* **SOURCE MATERIAL**:

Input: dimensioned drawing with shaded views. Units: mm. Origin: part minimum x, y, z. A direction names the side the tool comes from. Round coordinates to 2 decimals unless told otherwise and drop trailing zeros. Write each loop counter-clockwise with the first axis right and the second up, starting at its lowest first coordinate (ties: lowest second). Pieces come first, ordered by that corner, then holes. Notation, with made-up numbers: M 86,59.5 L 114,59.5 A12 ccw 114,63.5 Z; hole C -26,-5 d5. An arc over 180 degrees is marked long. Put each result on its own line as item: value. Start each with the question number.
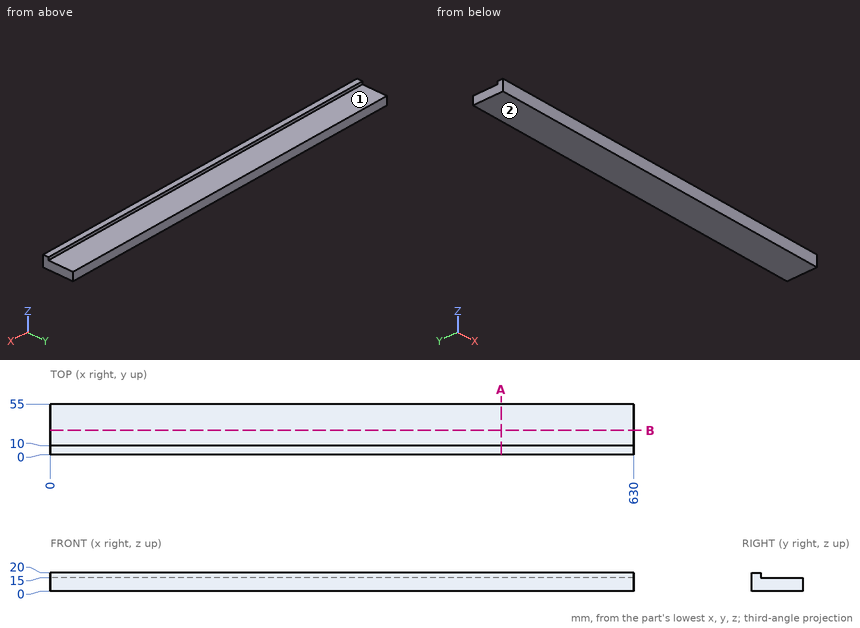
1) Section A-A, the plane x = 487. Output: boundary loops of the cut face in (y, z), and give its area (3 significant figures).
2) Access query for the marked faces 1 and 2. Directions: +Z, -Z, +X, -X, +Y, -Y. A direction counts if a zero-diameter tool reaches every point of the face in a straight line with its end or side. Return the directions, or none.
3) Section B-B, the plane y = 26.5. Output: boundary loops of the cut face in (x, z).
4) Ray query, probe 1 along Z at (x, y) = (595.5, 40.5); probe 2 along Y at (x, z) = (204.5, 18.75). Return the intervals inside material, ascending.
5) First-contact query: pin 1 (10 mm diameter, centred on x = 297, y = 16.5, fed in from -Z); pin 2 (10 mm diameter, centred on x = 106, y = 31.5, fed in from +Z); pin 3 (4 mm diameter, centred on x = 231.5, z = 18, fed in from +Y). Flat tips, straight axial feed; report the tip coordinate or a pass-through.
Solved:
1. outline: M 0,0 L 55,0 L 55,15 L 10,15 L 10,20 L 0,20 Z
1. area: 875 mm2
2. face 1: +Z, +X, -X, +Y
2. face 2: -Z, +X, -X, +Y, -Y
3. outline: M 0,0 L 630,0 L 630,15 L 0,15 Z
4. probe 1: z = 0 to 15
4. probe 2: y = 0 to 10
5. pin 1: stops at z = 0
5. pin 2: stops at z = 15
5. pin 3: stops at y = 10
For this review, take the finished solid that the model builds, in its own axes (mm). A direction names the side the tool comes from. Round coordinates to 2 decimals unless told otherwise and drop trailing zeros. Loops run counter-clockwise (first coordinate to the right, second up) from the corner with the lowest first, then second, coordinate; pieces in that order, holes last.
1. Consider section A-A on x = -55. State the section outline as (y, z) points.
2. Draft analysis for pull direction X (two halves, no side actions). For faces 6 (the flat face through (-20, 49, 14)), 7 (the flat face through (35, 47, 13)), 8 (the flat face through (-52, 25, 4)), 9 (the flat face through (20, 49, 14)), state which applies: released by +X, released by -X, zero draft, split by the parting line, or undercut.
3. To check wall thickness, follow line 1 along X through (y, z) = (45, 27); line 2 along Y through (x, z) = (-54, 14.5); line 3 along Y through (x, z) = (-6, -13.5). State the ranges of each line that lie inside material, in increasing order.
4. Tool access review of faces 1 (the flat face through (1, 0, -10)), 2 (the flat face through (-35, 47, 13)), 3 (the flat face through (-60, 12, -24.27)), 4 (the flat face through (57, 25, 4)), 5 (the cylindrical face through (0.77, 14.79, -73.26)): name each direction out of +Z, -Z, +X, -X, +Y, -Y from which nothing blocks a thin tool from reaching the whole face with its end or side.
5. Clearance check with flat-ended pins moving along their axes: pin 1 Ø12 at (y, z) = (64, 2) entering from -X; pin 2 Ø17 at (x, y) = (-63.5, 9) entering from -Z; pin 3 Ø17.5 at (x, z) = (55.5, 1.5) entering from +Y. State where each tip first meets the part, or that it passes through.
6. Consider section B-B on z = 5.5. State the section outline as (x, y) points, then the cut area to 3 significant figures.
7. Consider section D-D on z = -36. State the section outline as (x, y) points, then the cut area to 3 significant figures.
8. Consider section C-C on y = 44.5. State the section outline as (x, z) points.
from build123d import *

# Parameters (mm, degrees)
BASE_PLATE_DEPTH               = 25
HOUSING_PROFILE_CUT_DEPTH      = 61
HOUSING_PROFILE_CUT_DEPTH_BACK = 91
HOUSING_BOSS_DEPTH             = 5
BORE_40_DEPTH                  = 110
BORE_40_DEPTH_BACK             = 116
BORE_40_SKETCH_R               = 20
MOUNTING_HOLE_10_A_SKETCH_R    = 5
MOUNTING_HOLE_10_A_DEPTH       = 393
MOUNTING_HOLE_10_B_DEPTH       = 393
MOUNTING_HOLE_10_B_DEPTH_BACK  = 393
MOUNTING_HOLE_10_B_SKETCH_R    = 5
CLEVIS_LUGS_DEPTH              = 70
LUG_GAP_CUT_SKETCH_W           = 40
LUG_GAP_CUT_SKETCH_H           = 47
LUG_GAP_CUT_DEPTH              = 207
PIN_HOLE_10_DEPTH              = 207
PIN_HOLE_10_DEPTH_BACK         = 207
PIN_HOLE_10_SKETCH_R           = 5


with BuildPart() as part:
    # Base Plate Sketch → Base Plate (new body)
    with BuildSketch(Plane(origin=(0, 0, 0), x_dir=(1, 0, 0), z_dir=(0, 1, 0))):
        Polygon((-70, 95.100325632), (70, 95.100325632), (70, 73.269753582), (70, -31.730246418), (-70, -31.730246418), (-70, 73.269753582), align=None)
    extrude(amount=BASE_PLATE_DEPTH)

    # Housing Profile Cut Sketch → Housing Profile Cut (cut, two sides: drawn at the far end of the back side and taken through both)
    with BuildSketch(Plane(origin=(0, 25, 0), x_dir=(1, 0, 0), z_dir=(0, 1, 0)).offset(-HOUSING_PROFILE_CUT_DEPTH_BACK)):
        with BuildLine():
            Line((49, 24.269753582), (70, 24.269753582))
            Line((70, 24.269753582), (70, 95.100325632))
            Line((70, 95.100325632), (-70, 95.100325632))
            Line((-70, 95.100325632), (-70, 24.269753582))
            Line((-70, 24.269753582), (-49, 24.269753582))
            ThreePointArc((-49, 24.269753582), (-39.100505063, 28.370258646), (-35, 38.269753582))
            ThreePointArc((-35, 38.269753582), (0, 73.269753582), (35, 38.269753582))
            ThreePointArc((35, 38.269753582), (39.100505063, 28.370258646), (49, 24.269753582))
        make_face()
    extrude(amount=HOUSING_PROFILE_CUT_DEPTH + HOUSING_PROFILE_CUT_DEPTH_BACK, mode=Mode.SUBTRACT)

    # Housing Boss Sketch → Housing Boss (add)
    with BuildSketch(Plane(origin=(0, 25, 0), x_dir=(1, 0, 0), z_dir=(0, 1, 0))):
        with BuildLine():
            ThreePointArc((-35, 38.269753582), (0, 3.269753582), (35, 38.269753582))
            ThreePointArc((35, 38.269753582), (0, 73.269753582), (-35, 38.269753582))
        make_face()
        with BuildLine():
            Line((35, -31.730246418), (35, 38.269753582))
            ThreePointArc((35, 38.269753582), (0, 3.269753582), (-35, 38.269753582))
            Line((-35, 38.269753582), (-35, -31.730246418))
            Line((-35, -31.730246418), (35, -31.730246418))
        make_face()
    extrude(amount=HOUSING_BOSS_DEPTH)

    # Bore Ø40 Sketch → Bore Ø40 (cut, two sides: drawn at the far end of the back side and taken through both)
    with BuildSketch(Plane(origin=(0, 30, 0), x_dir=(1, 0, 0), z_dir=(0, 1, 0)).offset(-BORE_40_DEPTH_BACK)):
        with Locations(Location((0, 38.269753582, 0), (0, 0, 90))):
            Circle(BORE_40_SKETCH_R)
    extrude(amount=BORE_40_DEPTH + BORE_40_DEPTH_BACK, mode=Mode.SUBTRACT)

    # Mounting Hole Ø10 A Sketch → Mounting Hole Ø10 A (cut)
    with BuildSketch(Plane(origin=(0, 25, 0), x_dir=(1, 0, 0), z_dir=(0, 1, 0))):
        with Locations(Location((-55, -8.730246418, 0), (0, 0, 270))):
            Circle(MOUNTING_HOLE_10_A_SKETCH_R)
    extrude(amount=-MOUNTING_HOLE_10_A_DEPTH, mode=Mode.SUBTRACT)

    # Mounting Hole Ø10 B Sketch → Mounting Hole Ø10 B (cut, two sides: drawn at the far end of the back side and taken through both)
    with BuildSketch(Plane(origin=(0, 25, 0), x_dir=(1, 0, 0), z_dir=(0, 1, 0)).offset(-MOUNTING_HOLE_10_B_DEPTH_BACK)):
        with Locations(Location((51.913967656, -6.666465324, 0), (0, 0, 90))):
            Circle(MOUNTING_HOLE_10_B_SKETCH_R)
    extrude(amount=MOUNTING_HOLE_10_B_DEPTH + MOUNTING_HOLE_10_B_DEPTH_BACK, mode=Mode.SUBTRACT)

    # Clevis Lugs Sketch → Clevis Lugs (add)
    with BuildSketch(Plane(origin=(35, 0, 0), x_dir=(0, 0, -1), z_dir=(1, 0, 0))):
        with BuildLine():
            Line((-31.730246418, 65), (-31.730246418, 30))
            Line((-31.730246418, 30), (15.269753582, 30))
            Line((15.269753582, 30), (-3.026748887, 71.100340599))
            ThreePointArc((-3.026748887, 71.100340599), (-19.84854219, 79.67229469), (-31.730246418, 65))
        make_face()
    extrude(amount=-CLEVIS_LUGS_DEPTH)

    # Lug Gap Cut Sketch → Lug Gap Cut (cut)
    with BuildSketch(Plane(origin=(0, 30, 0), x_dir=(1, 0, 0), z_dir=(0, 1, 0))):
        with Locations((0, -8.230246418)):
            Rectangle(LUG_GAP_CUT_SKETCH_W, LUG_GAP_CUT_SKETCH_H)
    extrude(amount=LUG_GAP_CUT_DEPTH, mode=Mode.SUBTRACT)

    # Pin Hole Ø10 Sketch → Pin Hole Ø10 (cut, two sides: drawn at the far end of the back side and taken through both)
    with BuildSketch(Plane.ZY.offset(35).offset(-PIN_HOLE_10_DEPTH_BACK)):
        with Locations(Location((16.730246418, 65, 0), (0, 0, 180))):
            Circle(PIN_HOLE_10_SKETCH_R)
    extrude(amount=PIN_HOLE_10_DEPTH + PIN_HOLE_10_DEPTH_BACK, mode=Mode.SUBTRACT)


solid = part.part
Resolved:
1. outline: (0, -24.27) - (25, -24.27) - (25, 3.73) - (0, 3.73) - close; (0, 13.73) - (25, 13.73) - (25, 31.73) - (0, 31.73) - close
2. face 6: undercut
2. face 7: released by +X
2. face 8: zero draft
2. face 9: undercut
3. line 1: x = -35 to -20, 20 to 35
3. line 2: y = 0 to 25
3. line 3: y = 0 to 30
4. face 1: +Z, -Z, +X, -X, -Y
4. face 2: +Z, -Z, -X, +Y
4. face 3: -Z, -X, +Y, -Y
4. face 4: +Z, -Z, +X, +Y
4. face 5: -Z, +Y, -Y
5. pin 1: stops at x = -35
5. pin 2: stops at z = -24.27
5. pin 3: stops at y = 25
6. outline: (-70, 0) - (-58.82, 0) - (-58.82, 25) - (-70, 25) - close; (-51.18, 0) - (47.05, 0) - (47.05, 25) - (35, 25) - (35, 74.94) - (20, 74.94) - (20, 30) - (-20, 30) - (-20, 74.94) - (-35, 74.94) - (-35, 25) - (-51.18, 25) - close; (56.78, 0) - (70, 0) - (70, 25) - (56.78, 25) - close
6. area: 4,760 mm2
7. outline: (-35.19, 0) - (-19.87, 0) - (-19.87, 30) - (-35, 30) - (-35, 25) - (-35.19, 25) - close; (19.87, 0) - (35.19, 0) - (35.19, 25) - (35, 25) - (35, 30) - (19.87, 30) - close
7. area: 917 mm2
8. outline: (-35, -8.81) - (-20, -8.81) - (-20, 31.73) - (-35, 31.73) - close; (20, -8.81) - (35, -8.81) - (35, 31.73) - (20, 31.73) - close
...
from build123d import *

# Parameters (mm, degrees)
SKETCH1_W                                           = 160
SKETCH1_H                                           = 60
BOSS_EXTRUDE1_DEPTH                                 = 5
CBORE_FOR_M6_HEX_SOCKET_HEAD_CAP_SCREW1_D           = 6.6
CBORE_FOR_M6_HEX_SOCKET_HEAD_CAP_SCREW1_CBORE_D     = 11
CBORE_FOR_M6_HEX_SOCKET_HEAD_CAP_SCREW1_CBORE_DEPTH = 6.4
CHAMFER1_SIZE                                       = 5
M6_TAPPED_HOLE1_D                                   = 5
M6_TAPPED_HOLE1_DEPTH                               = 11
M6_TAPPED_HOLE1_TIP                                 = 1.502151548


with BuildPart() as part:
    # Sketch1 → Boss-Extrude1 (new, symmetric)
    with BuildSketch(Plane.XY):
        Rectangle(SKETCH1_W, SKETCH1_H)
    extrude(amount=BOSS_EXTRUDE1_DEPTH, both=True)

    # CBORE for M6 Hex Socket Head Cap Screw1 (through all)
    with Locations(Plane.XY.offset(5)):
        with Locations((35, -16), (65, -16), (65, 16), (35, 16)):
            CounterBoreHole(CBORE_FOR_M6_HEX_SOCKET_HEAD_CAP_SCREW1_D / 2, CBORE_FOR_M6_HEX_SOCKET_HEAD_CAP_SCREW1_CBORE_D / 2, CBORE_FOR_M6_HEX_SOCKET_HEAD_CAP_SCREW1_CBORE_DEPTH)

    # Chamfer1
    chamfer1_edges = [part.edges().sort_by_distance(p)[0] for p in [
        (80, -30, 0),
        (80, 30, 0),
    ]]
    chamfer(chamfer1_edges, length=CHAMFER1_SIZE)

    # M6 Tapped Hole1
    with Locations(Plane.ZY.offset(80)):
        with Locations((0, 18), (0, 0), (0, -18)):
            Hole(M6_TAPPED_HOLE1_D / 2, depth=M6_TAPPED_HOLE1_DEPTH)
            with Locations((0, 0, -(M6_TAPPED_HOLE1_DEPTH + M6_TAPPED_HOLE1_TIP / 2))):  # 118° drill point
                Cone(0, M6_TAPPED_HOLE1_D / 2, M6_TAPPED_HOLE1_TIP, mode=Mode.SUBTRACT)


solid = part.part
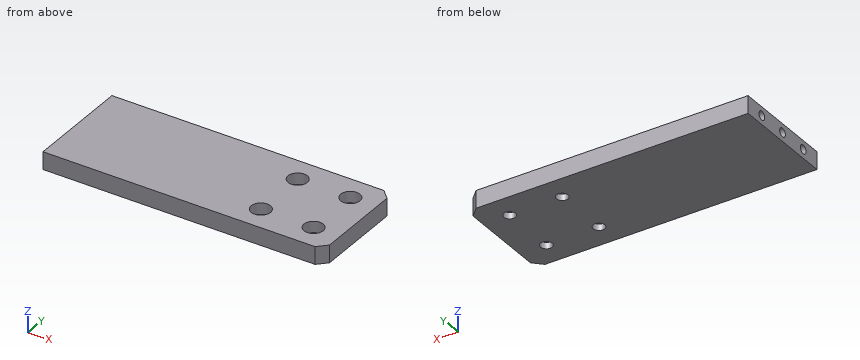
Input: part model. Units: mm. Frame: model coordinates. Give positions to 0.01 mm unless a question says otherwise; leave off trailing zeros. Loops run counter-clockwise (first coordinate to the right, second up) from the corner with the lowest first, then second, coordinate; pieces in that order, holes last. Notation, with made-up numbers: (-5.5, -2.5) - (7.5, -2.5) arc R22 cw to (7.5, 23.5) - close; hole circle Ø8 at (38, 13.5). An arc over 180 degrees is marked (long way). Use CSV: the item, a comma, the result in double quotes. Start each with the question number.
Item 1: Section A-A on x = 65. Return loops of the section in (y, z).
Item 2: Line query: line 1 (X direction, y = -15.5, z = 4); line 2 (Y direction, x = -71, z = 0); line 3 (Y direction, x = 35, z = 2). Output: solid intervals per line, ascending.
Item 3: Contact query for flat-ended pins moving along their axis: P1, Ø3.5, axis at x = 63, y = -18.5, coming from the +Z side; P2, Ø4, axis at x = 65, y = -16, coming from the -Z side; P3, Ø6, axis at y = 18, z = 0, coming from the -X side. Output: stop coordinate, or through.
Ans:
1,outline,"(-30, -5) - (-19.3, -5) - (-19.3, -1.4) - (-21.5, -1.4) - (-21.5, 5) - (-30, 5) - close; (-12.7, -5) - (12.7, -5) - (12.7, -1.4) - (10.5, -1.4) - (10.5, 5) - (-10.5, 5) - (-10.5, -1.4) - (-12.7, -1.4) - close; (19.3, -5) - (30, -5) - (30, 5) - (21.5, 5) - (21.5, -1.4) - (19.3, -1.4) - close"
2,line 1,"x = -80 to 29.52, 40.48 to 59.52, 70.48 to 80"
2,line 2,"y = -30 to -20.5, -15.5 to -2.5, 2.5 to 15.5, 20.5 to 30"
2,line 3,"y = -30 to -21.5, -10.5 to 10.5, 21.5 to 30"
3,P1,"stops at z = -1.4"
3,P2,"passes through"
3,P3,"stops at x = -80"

* **TASK ITEM**:
Out of the lines in the listing, count the ones with the word "significant", then give only the number.

* **REPLY**:
3